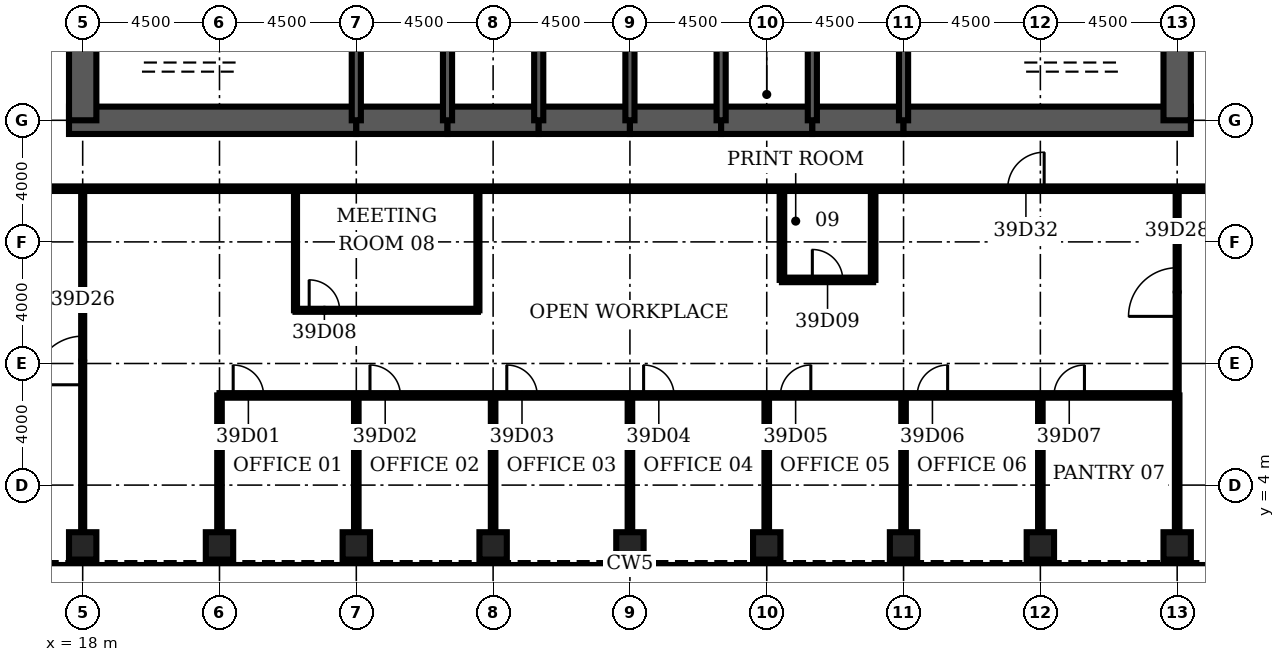
"""IFC4 building model, lengths in metres.
Left out: names, types, materials, properties, quantities, classifications, styles, units other than length and angle.
Written with IfcOpenShell. Run it as: python <this file> out.ifc"""

import sys

from ifc_helpers import new_model, si_unit, direction, frame, frame_2d, origin, origin_2d, place, context, subcontext, project, spatial, rectangle, hollow_rectangle, extrude, element, fill, save


model = new_model("IFC4")
c1 = context("Model", 3, precision=1e-05, world=origin(), true_north=direction((0.0, 1.0)))
c2 = subcontext(c1, "Body", "Model", "MODEL_VIEW")
j1 = project(units=[si_unit("LENGTHUNIT", "METRE"), si_unit("PLANEANGLEUNIT", "RADIAN")], contexts=[c1])
p1 = place(None, origin())
s1 = spatial("IfcSite", under=j1, at=p1, CompositionType="ELEMENT")
p2 = place(p1, origin())
s2 = spatial("IfcBuilding", under=s1, at=p2, CompositionType="ELEMENT")
p3 = place(p2, frame((0.0, 0.0, 176.1)))
s3 = spatial("IfcBuildingStorey", under=s2, at=p3, CompositionType="ELEMENT", Elevation=176.1)
for number, where, z_axis, x_axis in (
    (1, (18.0, 2.0, 0.0), (0.0, 0.0, 1.0), (0.0, 1.0, 0.0)),
    (2, (22.5, 2.0, 0.0), (0.0, 0.0, 1.0), (0.0, 1.0, 0.0)),
    (3, (27.0, 2.0, 0.0), (0.0, 0.0, 1.0), (0.0, 1.0, 0.0)),
    (4, (31.5, 2.0, 0.0), (0.0, 0.0, 1.0), (0.0, 1.0, 0.0)),
    (5, (36.0, 2.0, 0.0), (0.0, 0.0, 1.0), (0.0, 1.0, 0.0)),
    (6, (40.5, 2.0, 0.0), (0.0, 0.0, 1.0), (0.0, 1.0, 0.0)),
    (7, (45.0, 2.0, 0.0), (0.0, 0.0, 1.0), (0.0, 1.0, 0.0)),
    (8, (49.5, 2.0, 0.0), (0.0, 0.0, 1.0), (0.0, 1.0, 0.0)),
    (9, (54.0, 2.0, 0.0), (0.0, 0.0, 1.0), (0.0, 1.0, 0.0)),
):
    element("IfcColumn", number, at=place(p3, frame(where, z_axis=z_axis, x_axis=x_axis)), inside=s3, PredefinedType="COLUMN", context=c2, shape_type="SweptSolid", body=[
        extrude(hollow_rectangle(XDim=0.9, YDim=0.9, WallThickness=0.09, at=origin_2d()), origin(), (0.0, 0.0, 1.0), 4.2),
    ])
p4 = place(p3, frame((17.55, 16.0, 0.0), z_axis=(0.0, 0.0, 1.0), x_axis=(1.0, 0.0, 0.0)))
e10 = element("IfcWall", 10, at=p4, inside=s3, PredefinedType="SHEAR", context=c2, shape_type="SweptSolid", body=[
    extrude(rectangle(XDim=9.45, YDim=0.9, at=frame_2d((4.725, 0.0))), origin(), (0.0, 0.0, 1.0), 4.2),
])
for number, where, z_axis, x_axis in (
    (11, (27.0, 16.0, 0.0), (0.0, 0.0, 1.0), (1.0, 0.0, 0.0)),
    (12, (30.0, 16.0, 0.0), (0.0, 0.0, 1.0), (1.0, 0.0, 0.0)),
    (13, (33.0, 16.0, 0.0), (0.0, 0.0, 1.0), (1.0, 0.0, 0.0)),
    (14, (36.0, 16.0, 0.0), (0.0, 0.0, 1.0), (1.0, 0.0, 0.0)),
    (15, (39.0, 16.0, 0.0), (0.0, 0.0, 1.0), (1.0, 0.0, 0.0)),
    (16, (42.0, 16.0, 0.0), (0.0, 0.0, 1.0), (1.0, 0.0, 0.0)),
):
    element("IfcWall", number, at=place(p3, frame(where, z_axis=z_axis, x_axis=x_axis)), inside=s3, PredefinedType="SHEAR", context=c2, shape_type="SweptSolid", body=[
        extrude(rectangle(XDim=3.0, YDim=0.9, at=frame_2d((1.5, 0.0))), origin(), (0.0, 0.0, 1.0), 4.2),
    ])
p5 = place(p3, frame((45.0, 16.0, 0.0), z_axis=(0.0, 0.0, 1.0), x_axis=(1.0, 0.0, 0.0)))
e17 = element("IfcWall", 17, at=p5, inside=s3, PredefinedType="SHEAR", context=c2, shape_type="SweptSolid", body=[
    extrude(rectangle(XDim=9.45, YDim=0.9, at=frame_2d((4.725, 0.0))), origin(), (0.0, 0.0, 1.0), 4.2),
])
for number, where, z_axis, x_axis in (
    (18, (18.0, 19.2, 0.0), (0.0, 0.0, 1.0), (0.0, -1.0, 0.0)),
    (19, (54.0, 16.0, 0.0), (0.0, 0.0, 1.0), (0.0, 1.0, 0.0)),
):
    element("IfcWall", number, at=place(p3, frame(where, z_axis=z_axis, x_axis=x_axis)), inside=s3, PredefinedType="SHEAR", context=c2, shape_type="SweptSolid", body=[
        extrude(rectangle(XDim=3.2, YDim=0.9, at=frame_2d((1.6, 0.0))), origin(), (0.0, 0.0, 1.0), 4.2),
    ])
for number, where, z_axis, x_axis in (
    (20, (27.0, 16.0, 0.0), (0.0, 0.0, 1.0), (0.0, 1.0, 0.0)),
    (21, (30.0, 16.0, 0.0), (0.0, 0.0, 1.0), (0.0, 1.0, 0.0)),
    (22, (33.0, 16.0, 0.0), (0.0, 0.0, 1.0), (0.0, 1.0, 0.0)),
    (23, (36.0, 16.0, 0.0), (0.0, 0.0, 1.0), (0.0, 1.0, 0.0)),
    (24, (39.0, 16.0, 0.0), (0.0, 0.0, 1.0), (0.0, 1.0, 0.0)),
    (25, (42.0, 16.0, 0.0), (0.0, 0.0, 1.0), (0.0, 1.0, 0.0)),
    (26, (45.0, 16.0, 0.0), (0.0, 0.0, 1.0), (0.0, 1.0, 0.0)),
):
    element("IfcWall", number, at=place(p3, frame(where, z_axis=z_axis, x_axis=x_axis)), inside=s3, PredefinedType="SOLIDWALL", context=c2, shape_type="SweptSolid", body=[
        extrude(rectangle(XDim=3.2, YDim=0.3, at=frame_2d((1.6, 0.0))), origin(), (0.0, 0.0, 1.0), 4.2),
    ])
p6 = place(p3, frame((39.15, 17.4, 0.0), z_axis=(0.0, 0.0, 1.0), x_axis=(1.0, 0.0, 0.0)))
e27 = element("IfcWall", 27, at=p6, inside=s3, PredefinedType="SOLIDWALL", context=c2, shape_type="SweptSolid", body=[
    extrude(rectangle(XDim=2.7, YDim=0.3, at=frame_2d((1.35, 0.0))), origin(), (0.0, 0.0, 1.0), 3.95),
])
p7 = place(p6, frame((0.85, 0.0, 0.0)))
e28 = element("IfcOpeningElement", 28, at=p7, cuts=e27, PredefinedType="OPENING", context=c2, shape_type="SweptSolid", body=[
    extrude(rectangle(XDim=1.0, YDim=2.1, at=frame_2d((0.5, 1.05))), frame((0.0, 0.16, 0.0), z_axis=(0.0, -1.0, 0.0), x_axis=(1.0, 0.0, 0.0)), (0.0, 0.0, 1.0), 0.32),
])
p8 = place(p3, frame((22.5, 6.95, 0.0), z_axis=(0.0, 0.0, 1.0), x_axis=(1.0, 0.0, 0.0)))
e29 = element("IfcWall", 29, at=p8, inside=s3, PredefinedType="PARTITIONING", context=c2, shape_type="SweptSolid", body=[
    extrude(rectangle(XDim=31.5, YDim=0.15, at=frame_2d((15.75, 0.0))), origin(), (0.0, 0.0, 1.0), 3.0),
])
p9 = place(p8, frame((0.45, 0.0, 0.0)))
e30 = element("IfcOpeningElement", 30, at=p9, cuts=e29, PredefinedType="OPENING", context=c2, shape_type="SweptSolid", body=[
    extrude(rectangle(XDim=1.0, YDim=2.1, at=frame_2d((0.5, 1.05))), frame((0.0, 0.085, 0.0), z_axis=(0.0, -1.0, 0.0), x_axis=(1.0, 0.0, 0.0)), (0.0, 0.0, 1.0), 0.17),
])
p10 = place(p8, frame((4.95, 0.0, 0.0)))
e31 = element("IfcOpeningElement", 31, at=p10, cuts=e29, PredefinedType="OPENING", context=c2, shape_type="SweptSolid", body=[
    extrude(rectangle(XDim=1.0, YDim=2.1, at=frame_2d((0.5, 1.05))), frame((0.0, 0.085, 0.0), z_axis=(0.0, -1.0, 0.0), x_axis=(1.0, 0.0, 0.0)), (0.0, 0.0, 1.0), 0.17),
])
p11 = place(p8, frame((9.45, 0.0, 0.0)))
e32 = element("IfcOpeningElement", 32, at=p11, cuts=e29, PredefinedType="OPENING", context=c2, shape_type="SweptSolid", body=[
    extrude(rectangle(XDim=1.0, YDim=2.1, at=frame_2d((0.5, 1.05))), frame((0.0, 0.085, 0.0), z_axis=(0.0, -1.0, 0.0), x_axis=(1.0, 0.0, 0.0)), (0.0, 0.0, 1.0), 0.17),
])
p12 = place(p8, frame((13.95, 0.0, 0.0)))
e33 = element("IfcOpeningElement", 33, at=p12, cuts=e29, PredefinedType="OPENING", context=c2, shape_type="SweptSolid", body=[
    extrude(rectangle(XDim=1.0, YDim=2.1, at=frame_2d((0.5, 1.05))), frame((0.0, 0.085, 0.0), z_axis=(0.0, -1.0, 0.0), x_axis=(1.0, 0.0, 0.0)), (0.0, 0.0, 1.0), 0.17),
])
p13 = place(p8, frame((18.45, 0.0, 0.0)))
e34 = element("IfcOpeningElement", 34, at=p13, cuts=e29, PredefinedType="OPENING", context=c2, shape_type="SweptSolid", body=[
    extrude(rectangle(XDim=1.0, YDim=2.1, at=frame_2d((0.5, 1.05))), frame((0.0, 0.085, 0.0), z_axis=(0.0, -1.0, 0.0), x_axis=(1.0, 0.0, 0.0)), (0.0, 0.0, 1.0), 0.17),
])
p14 = place(p8, frame((22.95, 0.0, 0.0)))
e35 = element("IfcOpeningElement", 35, at=p14, cuts=e29, PredefinedType="OPENING", context=c2, shape_type="SweptSolid", body=[
    extrude(rectangle(XDim=1.0, YDim=2.1, at=frame_2d((0.5, 1.05))), frame((0.0, 0.085, 0.0), z_axis=(0.0, -1.0, 0.0), x_axis=(1.0, 0.0, 0.0)), (0.0, 0.0, 1.0), 0.17),
])
p15 = place(p8, frame((27.45, 0.0, 0.0)))
e36 = element("IfcOpeningElement", 36, at=p15, cuts=e29, PredefinedType="OPENING", context=c2, shape_type="SweptSolid", body=[
    extrude(rectangle(XDim=1.0, YDim=2.1, at=frame_2d((0.5, 1.05))), frame((0.0, 0.085, 0.0), z_axis=(0.0, -1.0, 0.0), x_axis=(1.0, 0.0, 0.0)), (0.0, 0.0, 1.0), 0.17),
])
p16 = place(p3, frame((25.0, 9.75, 0.0), z_axis=(0.0, 0.0, 1.0), x_axis=(1.0, 0.0, 0.0)))
e37 = element("IfcWall", 37, at=p16, inside=s3, PredefinedType="PARTITIONING", context=c2, shape_type="SweptSolid", body=[
    extrude(rectangle(XDim=6.0, YDim=0.1, at=frame_2d((3.0, 0.0))), origin(), (0.0, 0.0, 1.0), 3.0),
])
p17 = place(p16, frame((0.45, 0.0, 0.0)))
e38 = element("IfcOpeningElement", 38, at=p17, cuts=e37, PredefinedType="OPENING", context=c2, shape_type="SweptSolid", body=[
    extrude(rectangle(XDim=1.0, YDim=2.1, at=frame_2d((0.5, 1.05))), frame((0.0, 0.06, 0.0), z_axis=(0.0, -1.0, 0.0), x_axis=(1.0, 0.0, 0.0)), (0.0, 0.0, 1.0), 0.12),
])
p18 = place(p3, frame((41.0, 10.75, 0.0), z_axis=(0.0, 0.0, 1.0), x_axis=(1.0, 0.0, 0.0)))
e39 = element("IfcWall", 39, at=p18, inside=s3, PredefinedType="PARTITIONING", context=c2, shape_type="SweptSolid", body=[
    extrude(rectangle(XDim=3.0, YDim=0.15, at=frame_2d((1.5, 0.0))), origin(), (0.0, 0.0, 1.0), 3.0),
])
p19 = place(p18, frame((1.0, 0.0, 0.0)))
e40 = element("IfcOpeningElement", 40, at=p19, cuts=e39, PredefinedType="OPENING", context=c2, shape_type="SweptSolid", body=[
    extrude(rectangle(XDim=1.0, YDim=2.1, at=frame_2d((0.5, 1.05))), frame((0.0, 0.085, 0.0), z_axis=(0.0, -1.0, 0.0), x_axis=(1.0, 0.0, 0.0)), (0.0, 0.0, 1.0), 0.17),
])
p20 = place(p3, frame((15.15, 13.75, 0.0), z_axis=(0.0, 0.0, 1.0), x_axis=(1.0, 0.0, 0.0)))
e41 = element("IfcWall", 41, at=p20, inside=s3, PredefinedType="PARTITIONING", context=c2, shape_type="SweptSolid", body=[
    extrude(rectangle(XDim=41.7, YDim=0.15, at=frame_2d((20.85, 0.0))), origin(), (0.0, 0.0, 1.0), 3.0),
])
p21 = place(p20, frame((33.275, 0.0, 0.0)))
e42 = element("IfcOpeningElement", 42, at=p21, cuts=e41, PredefinedType="OPENING", context=c2, shape_type="SweptSolid", body=[
    extrude(rectangle(XDim=1.2, YDim=2.1, at=frame_2d((0.6, 1.05))), frame((0.0, 0.085, 0.0), z_axis=(0.0, -1.0, 0.0), x_axis=(1.0, 0.0, 0.0)), (0.0, 0.0, 1.0), 0.17),
])
p22 = place(p3, frame((18.0, 2.45, 0.0), z_axis=(0.0, 0.0, 1.0), x_axis=(0.0, 1.0, 0.0)))
e43 = element("IfcWall", 43, at=p22, inside=s3, PredefinedType="PARTITIONING", context=c2, shape_type="SweptSolid", body=[
    extrude(rectangle(XDim=11.3, YDim=0.1, at=frame_2d((5.65, 0.0))), origin(), (0.0, 0.0, 1.0), 3.0),
])
p23 = place(p22, frame((4.85, 0.0, 0.0)))
e44 = element("IfcOpeningElement", 44, at=p23, cuts=e43, PredefinedType="OPENING", context=c2, shape_type="SweptSolid", body=[
    extrude(rectangle(XDim=1.6, YDim=2.1, at=frame_2d((0.8, 1.05))), frame((0.0, 0.06, 0.0), z_axis=(0.0, -1.0, 0.0), x_axis=(1.0, 0.0, 0.0)), (0.0, 0.0, 1.0), 0.12),
])
p24 = place(p3, frame((22.5, 2.45, 0.0), z_axis=(0.0, 0.0, 1.0), x_axis=(0.0, 1.0, 0.0)))
e45 = element("IfcWall", 45, at=p24, inside=s3, PredefinedType="PARTITIONING", context=c2, shape_type="SweptSolid", body=[
    extrude(rectangle(XDim=4.5, YDim=0.15, at=frame_2d((2.25, 0.0))), origin(), (0.0, 0.0, 1.0), 3.0),
])
p25 = place(p3, frame((25.0, 9.75, 0.0), z_axis=(0.0, 0.0, 1.0), x_axis=(0.0, 1.0, 0.0)))
e46 = element("IfcWall", 46, at=p25, inside=s3, PredefinedType="PARTITIONING", context=c2, shape_type="SweptSolid", body=[
    extrude(rectangle(XDim=4.0, YDim=0.1, at=frame_2d((2.0, 0.0))), origin(), (0.0, 0.0, 1.0), 3.0),
])
p26 = place(p3, frame((27.0, 2.45, 0.0), z_axis=(0.0, 0.0, 1.0), x_axis=(0.0, 1.0, 0.0)))
e47 = element("IfcWall", 47, at=p26, inside=s3, PredefinedType="PARTITIONING", context=c2, shape_type="SweptSolid", body=[
    extrude(rectangle(XDim=4.5, YDim=0.15, at=frame_2d((2.25, 0.0))), origin(), (0.0, 0.0, 1.0), 3.0),
])
p27 = place(p3, frame((31.0, 9.75, 0.0), z_axis=(0.0, 0.0, 1.0), x_axis=(0.0, 1.0, 0.0)))
e48 = element("IfcWall", 48, at=p27, inside=s3, PredefinedType="PARTITIONING", context=c2, shape_type="SweptSolid", body=[
    extrude(rectangle(XDim=4.0, YDim=0.1, at=frame_2d((2.0, 0.0))), origin(), (0.0, 0.0, 1.0), 3.0),
])
for number, where, z_axis, x_axis in (
    (49, (31.5, 2.45, 0.0), (0.0, 0.0, 1.0), (0.0, 1.0, 0.0)),
    (50, (36.0, 2.45, 0.0), (0.0, 0.0, 1.0), (0.0, 1.0, 0.0)),
    (51, (40.5, 2.45, 0.0), (0.0, 0.0, 1.0), (0.0, 1.0, 0.0)),
):
    element("IfcWall", number, at=place(p3, frame(where, z_axis=z_axis, x_axis=x_axis)), inside=s3, PredefinedType="PARTITIONING", context=c2, shape_type="SweptSolid", body=[
        extrude(rectangle(XDim=4.5, YDim=0.15, at=frame_2d((2.25, 0.0))), origin(), (0.0, 0.0, 1.0), 3.0),
    ])
p28 = place(p3, frame((41.0, 10.75, 0.0), z_axis=(0.0, 0.0, 1.0), x_axis=(0.0, 1.0, 0.0)))
e52 = element("IfcWall", 52, at=p28, inside=s3, PredefinedType="PARTITIONING", context=c2, shape_type="SweptSolid", body=[
    extrude(rectangle(XDim=3.0, YDim=0.15, at=frame_2d((1.5, 0.0))), origin(), (0.0, 0.0, 1.0), 3.0),
])
p29 = place(p3, frame((44.0, 10.75, 0.0), z_axis=(0.0, 0.0, 1.0), x_axis=(0.0, 1.0, 0.0)))
e53 = element("IfcWall", 53, at=p29, inside=s3, PredefinedType="PARTITIONING", context=c2, shape_type="SweptSolid", body=[
    extrude(rectangle(XDim=3.0, YDim=0.15, at=frame_2d((1.5, 0.0))), origin(), (0.0, 0.0, 1.0), 2.942),
])
for number, where, z_axis, x_axis in (
    (54, (45.0, 2.45, 0.0), (0.0, 0.0, 1.0), (0.0, 1.0, 0.0)),
    (55, (49.5, 2.45, 0.0), (0.0, 0.0, 1.0), (0.0, 1.0, 0.0)),
    (56, (54.0, 2.45, 0.0), (0.0, 0.0, 1.0), (0.0, 1.0, 0.0)),
):
    element("IfcWall", number, at=place(p3, frame(where, z_axis=z_axis, x_axis=x_axis)), inside=s3, PredefinedType="PARTITIONING", context=c2, shape_type="SweptSolid", body=[
        extrude(rectangle(XDim=4.5, YDim=0.15, at=frame_2d((2.25, 0.0))), origin(), (0.0, 0.0, 1.0), 3.0),
    ])
p30 = place(p3, frame((54.0, 6.95, 0.0), z_axis=(0.0, 0.0, 1.0), x_axis=(0.0, 1.0, 0.0)))
e57 = element("IfcWall", 57, at=p30, inside=s3, PredefinedType="PARTITIONING", context=c2, shape_type="SweptSolid", body=[
    extrude(rectangle(XDim=6.8, YDim=0.1, at=frame_2d((3.4, 0.0))), origin(), (0.0, 0.0, 1.0), 3.0),
])
p31 = place(p30, frame((2.6, 0.0, 0.0)))
e58 = element("IfcOpeningElement", 58, at=p31, cuts=e57, PredefinedType="OPENING", context=c2, shape_type="SweptSolid", body=[
    extrude(rectangle(XDim=1.6, YDim=2.1, at=frame_2d((0.8, 1.05))), frame((0.0, 0.06, 0.0), z_axis=(0.0, -1.0, 0.0), x_axis=(1.0, 0.0, 0.0)), (0.0, 0.0, 1.0), 0.12),
])
p32 = place(p7, origin())
e59 = element("IfcDoor", 59, at=p32, inside=s3, OperationType="SINGLE_SWING_LEFT", PredefinedType="DOOR", context=c2, shape_type="SweptSolid", body=[
    extrude(rectangle(XDim=1.0, YDim=2.1, at=frame_2d((0.5, 1.05))), frame((0.0, 0.025, 0.0), z_axis=(0.0, -1.0, 0.0), x_axis=(1.0, 0.0, 0.0)), (0.0, 0.0, 1.0), 0.05),
])
fill(e28, e59)
p33 = place(p9, origin())
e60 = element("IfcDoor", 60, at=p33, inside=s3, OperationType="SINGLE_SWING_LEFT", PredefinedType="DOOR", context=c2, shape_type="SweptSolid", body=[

## TASK STATEMENT
Look through the material above. Copy each line where the word "under" appears.

## RESPONSE
s1 = spatial("IfcSite", under=j1, at=p1, CompositionType="ELEMENT")
s2 = spatial("IfcBuilding", under=s1, at=p2, CompositionType="ELEMENT")
s3 = spatial("IfcBuildingStorey", under=s2, at=p3, CompositionType="ELEMENT", Elevation=176.1)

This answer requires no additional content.